Stored dataset items:
****
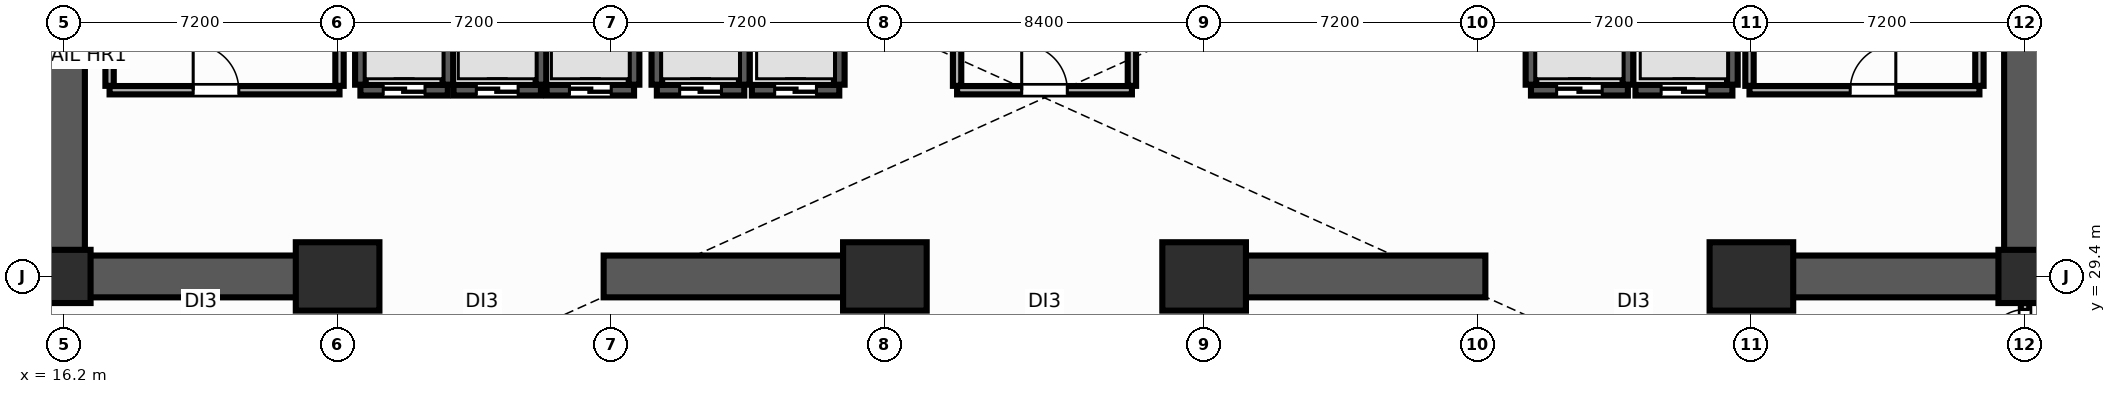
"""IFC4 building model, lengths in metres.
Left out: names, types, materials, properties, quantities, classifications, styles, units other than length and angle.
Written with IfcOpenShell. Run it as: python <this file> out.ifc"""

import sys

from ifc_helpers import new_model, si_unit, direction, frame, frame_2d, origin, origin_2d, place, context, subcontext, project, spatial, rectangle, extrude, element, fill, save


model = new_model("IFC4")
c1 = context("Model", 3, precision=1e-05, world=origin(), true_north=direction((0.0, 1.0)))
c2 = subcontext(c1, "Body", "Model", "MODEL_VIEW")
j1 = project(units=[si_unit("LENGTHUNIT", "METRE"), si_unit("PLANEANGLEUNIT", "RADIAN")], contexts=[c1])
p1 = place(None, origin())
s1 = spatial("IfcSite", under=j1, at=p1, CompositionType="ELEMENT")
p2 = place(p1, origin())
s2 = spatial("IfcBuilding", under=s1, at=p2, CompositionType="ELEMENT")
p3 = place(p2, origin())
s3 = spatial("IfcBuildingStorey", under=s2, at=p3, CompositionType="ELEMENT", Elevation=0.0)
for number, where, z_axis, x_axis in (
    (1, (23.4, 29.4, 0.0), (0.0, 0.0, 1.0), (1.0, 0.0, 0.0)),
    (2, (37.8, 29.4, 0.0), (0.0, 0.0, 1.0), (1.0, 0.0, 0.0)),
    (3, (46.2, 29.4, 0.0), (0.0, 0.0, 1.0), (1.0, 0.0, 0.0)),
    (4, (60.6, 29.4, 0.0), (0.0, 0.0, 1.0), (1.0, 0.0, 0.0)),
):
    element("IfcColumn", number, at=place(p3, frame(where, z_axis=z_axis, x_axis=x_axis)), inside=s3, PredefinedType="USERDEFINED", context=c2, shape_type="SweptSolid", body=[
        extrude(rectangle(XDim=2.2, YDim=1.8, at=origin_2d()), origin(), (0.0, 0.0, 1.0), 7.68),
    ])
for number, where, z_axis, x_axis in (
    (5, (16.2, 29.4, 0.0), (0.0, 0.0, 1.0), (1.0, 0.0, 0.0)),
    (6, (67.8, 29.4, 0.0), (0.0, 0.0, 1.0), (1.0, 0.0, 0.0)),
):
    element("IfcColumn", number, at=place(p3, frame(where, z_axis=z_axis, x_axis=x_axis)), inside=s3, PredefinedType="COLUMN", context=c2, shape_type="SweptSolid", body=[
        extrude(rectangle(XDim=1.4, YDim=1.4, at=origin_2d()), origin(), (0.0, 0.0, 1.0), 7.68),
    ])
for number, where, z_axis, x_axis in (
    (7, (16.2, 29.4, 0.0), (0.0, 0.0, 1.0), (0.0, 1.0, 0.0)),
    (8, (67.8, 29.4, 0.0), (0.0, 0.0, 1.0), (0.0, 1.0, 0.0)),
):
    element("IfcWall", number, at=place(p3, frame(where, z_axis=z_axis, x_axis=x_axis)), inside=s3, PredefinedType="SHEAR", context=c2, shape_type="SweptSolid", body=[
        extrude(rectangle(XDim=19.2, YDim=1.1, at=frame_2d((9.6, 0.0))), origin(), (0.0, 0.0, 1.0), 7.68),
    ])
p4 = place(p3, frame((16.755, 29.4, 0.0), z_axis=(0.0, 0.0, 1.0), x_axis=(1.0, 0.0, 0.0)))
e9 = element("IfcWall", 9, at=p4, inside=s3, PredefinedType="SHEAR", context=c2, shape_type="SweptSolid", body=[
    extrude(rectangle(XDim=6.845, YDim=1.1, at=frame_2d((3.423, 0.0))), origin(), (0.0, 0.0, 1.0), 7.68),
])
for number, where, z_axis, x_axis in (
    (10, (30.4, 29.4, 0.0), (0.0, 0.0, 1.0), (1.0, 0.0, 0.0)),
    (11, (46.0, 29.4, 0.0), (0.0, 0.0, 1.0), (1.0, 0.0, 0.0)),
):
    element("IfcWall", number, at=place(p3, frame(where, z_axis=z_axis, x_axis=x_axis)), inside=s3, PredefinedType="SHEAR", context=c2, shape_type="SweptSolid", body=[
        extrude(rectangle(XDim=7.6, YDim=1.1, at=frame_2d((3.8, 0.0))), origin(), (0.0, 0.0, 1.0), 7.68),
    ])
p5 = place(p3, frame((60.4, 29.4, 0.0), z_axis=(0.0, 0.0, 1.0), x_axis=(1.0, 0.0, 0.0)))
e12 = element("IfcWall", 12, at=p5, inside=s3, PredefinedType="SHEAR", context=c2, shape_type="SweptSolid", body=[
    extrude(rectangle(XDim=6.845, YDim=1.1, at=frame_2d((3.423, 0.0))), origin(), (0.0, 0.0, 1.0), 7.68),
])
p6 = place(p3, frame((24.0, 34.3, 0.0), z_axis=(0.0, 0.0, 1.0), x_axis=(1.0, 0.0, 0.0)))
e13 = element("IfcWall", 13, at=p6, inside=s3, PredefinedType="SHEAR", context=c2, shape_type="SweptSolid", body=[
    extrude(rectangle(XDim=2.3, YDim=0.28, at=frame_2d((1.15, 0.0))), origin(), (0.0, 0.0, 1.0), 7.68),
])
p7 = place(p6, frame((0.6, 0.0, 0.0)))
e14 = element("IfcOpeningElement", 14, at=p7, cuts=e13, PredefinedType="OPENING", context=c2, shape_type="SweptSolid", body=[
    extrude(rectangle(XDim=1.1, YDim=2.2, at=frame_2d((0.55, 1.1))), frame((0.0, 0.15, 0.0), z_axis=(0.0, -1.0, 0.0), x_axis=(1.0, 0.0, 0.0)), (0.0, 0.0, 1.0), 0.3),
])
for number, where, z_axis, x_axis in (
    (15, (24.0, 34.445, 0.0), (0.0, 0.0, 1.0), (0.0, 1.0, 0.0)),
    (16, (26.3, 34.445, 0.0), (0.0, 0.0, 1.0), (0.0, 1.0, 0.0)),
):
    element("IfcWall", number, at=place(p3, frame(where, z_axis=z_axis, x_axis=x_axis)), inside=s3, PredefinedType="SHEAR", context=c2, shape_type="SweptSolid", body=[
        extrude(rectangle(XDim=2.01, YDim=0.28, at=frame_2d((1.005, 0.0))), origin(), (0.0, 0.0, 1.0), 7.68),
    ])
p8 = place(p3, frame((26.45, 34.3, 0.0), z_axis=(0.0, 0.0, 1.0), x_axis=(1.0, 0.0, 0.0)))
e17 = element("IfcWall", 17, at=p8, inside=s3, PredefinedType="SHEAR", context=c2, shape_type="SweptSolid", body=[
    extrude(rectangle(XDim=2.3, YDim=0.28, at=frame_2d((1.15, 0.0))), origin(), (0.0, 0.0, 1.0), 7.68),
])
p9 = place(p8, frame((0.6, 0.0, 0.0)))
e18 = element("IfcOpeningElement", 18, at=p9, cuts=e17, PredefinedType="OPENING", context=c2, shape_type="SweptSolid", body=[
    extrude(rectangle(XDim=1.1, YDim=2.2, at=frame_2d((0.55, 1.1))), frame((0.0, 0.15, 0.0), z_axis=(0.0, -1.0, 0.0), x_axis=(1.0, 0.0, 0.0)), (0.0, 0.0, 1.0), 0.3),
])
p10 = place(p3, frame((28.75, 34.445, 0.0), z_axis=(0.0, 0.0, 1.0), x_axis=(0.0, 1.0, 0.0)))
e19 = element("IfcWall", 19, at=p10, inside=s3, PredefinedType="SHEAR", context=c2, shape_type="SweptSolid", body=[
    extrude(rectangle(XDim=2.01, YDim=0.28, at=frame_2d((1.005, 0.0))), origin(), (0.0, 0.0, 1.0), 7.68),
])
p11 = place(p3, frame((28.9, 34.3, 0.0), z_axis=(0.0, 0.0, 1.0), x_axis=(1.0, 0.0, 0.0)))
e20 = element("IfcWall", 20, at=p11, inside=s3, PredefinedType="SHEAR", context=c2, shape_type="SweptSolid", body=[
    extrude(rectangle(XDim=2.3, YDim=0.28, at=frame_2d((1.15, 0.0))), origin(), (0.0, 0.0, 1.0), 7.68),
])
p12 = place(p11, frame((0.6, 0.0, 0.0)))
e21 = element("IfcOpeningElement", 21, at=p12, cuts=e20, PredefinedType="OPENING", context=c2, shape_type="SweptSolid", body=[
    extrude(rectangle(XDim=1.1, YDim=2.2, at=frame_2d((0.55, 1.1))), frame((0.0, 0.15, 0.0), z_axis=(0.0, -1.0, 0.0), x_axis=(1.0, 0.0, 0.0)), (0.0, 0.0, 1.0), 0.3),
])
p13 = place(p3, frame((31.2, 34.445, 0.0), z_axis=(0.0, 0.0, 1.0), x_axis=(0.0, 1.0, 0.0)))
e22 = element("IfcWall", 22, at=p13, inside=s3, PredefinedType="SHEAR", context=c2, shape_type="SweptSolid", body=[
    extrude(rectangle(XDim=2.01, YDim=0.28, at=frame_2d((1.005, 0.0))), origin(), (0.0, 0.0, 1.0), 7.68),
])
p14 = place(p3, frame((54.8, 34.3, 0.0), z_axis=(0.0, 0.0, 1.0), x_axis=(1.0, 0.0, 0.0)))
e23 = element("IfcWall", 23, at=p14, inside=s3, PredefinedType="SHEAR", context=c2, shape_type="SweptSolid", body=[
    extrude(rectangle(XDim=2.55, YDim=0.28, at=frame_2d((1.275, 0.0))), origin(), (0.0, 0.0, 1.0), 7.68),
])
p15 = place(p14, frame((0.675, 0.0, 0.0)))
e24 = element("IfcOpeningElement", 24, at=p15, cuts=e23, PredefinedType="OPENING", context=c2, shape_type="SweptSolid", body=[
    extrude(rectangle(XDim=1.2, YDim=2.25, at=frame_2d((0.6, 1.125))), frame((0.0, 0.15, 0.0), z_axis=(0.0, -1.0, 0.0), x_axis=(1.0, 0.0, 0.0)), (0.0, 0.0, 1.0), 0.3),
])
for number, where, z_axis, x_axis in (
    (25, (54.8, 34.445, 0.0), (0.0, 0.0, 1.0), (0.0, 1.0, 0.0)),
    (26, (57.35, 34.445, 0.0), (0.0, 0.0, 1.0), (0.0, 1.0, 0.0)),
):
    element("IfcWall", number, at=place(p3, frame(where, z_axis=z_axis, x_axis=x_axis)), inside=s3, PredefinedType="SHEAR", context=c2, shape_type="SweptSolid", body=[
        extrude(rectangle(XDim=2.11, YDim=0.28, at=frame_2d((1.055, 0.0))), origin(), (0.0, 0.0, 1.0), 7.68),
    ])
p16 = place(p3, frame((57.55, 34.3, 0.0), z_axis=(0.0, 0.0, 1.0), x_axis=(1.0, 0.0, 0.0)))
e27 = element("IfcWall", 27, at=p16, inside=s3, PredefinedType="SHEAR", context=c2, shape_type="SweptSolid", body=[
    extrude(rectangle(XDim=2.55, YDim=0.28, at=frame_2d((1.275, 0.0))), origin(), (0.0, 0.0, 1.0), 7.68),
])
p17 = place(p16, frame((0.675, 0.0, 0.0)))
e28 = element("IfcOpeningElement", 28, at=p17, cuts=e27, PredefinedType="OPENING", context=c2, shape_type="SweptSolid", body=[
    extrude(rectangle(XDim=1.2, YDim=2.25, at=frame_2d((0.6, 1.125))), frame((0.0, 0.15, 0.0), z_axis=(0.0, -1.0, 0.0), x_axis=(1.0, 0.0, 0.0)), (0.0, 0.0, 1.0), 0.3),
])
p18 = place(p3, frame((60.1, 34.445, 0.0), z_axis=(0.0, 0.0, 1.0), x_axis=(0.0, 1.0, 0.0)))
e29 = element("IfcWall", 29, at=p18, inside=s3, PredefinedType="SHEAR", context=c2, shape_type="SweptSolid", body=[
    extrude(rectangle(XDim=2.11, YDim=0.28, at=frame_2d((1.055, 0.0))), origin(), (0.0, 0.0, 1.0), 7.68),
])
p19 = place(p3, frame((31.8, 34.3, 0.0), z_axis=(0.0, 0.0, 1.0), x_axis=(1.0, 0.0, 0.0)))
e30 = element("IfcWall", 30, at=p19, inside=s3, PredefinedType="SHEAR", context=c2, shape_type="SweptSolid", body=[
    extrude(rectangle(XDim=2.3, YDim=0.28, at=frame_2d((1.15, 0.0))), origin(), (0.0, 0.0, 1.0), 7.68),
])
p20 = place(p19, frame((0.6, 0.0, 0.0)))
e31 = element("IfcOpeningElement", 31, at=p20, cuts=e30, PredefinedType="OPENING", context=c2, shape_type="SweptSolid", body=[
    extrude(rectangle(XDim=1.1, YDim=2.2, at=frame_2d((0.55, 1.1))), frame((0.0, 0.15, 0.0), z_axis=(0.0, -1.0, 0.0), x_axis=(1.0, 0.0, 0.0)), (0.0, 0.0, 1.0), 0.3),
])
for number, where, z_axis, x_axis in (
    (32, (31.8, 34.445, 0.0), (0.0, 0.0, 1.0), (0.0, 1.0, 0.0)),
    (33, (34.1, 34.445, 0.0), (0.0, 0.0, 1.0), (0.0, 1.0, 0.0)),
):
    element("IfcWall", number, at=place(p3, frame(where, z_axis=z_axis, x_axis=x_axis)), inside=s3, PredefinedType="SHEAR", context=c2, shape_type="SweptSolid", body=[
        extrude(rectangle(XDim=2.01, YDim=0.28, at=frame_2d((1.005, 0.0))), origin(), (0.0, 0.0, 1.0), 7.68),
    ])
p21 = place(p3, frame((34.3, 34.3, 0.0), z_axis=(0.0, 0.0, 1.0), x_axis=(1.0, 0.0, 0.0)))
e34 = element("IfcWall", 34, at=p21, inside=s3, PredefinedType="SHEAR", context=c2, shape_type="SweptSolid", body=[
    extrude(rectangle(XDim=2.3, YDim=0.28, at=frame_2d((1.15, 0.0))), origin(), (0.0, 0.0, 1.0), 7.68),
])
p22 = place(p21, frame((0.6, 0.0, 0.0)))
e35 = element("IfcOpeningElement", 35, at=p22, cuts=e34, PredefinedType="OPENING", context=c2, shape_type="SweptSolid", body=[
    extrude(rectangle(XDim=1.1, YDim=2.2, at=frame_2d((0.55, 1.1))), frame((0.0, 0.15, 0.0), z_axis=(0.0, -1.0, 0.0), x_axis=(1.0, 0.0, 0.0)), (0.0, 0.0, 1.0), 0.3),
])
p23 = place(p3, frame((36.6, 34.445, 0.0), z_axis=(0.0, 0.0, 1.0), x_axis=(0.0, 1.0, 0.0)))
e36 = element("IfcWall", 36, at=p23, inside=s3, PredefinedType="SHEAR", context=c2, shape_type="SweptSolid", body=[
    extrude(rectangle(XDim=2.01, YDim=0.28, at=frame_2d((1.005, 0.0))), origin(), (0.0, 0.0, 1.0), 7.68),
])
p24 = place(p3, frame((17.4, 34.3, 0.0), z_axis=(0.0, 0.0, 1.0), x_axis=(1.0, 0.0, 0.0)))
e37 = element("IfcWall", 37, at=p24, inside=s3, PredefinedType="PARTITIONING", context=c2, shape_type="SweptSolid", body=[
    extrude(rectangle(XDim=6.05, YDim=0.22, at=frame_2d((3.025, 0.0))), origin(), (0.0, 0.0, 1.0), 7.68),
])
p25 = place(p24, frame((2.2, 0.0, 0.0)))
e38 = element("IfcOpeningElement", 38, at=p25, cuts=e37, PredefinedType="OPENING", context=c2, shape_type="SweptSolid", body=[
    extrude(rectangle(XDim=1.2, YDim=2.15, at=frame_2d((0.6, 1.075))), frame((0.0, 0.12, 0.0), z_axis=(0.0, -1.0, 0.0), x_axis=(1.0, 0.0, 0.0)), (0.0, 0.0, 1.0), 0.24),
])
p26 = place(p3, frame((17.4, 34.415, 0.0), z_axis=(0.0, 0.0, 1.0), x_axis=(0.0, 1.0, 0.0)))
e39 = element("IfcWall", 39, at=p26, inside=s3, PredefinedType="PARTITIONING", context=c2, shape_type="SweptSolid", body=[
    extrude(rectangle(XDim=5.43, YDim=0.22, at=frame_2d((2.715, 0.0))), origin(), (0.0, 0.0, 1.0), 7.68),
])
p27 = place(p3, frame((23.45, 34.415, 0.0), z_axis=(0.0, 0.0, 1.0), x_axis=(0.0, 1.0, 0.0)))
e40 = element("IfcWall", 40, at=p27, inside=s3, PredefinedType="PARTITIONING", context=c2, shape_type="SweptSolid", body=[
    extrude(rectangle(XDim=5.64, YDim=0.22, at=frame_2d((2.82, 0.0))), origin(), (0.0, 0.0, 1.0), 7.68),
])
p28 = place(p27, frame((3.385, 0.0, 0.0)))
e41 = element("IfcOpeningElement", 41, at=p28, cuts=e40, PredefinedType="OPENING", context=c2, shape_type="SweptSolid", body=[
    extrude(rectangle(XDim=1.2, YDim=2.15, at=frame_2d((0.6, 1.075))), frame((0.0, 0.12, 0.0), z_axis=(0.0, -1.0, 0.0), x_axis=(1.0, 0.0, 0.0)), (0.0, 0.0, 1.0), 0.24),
****
**PROBLEM DETAILS**. Filter the data down to the lines that contain the string "units", and copy them.

**SOLUTION**.
Left out: names, types, materials, properties, quantities, classifications, styles, units other than length and angle.
j1 = project(units=[si_unit("LENGTHUNIT", "METRE"), si_unit("PLANEANGLEUNIT", "RADIAN")], contexts=[c1])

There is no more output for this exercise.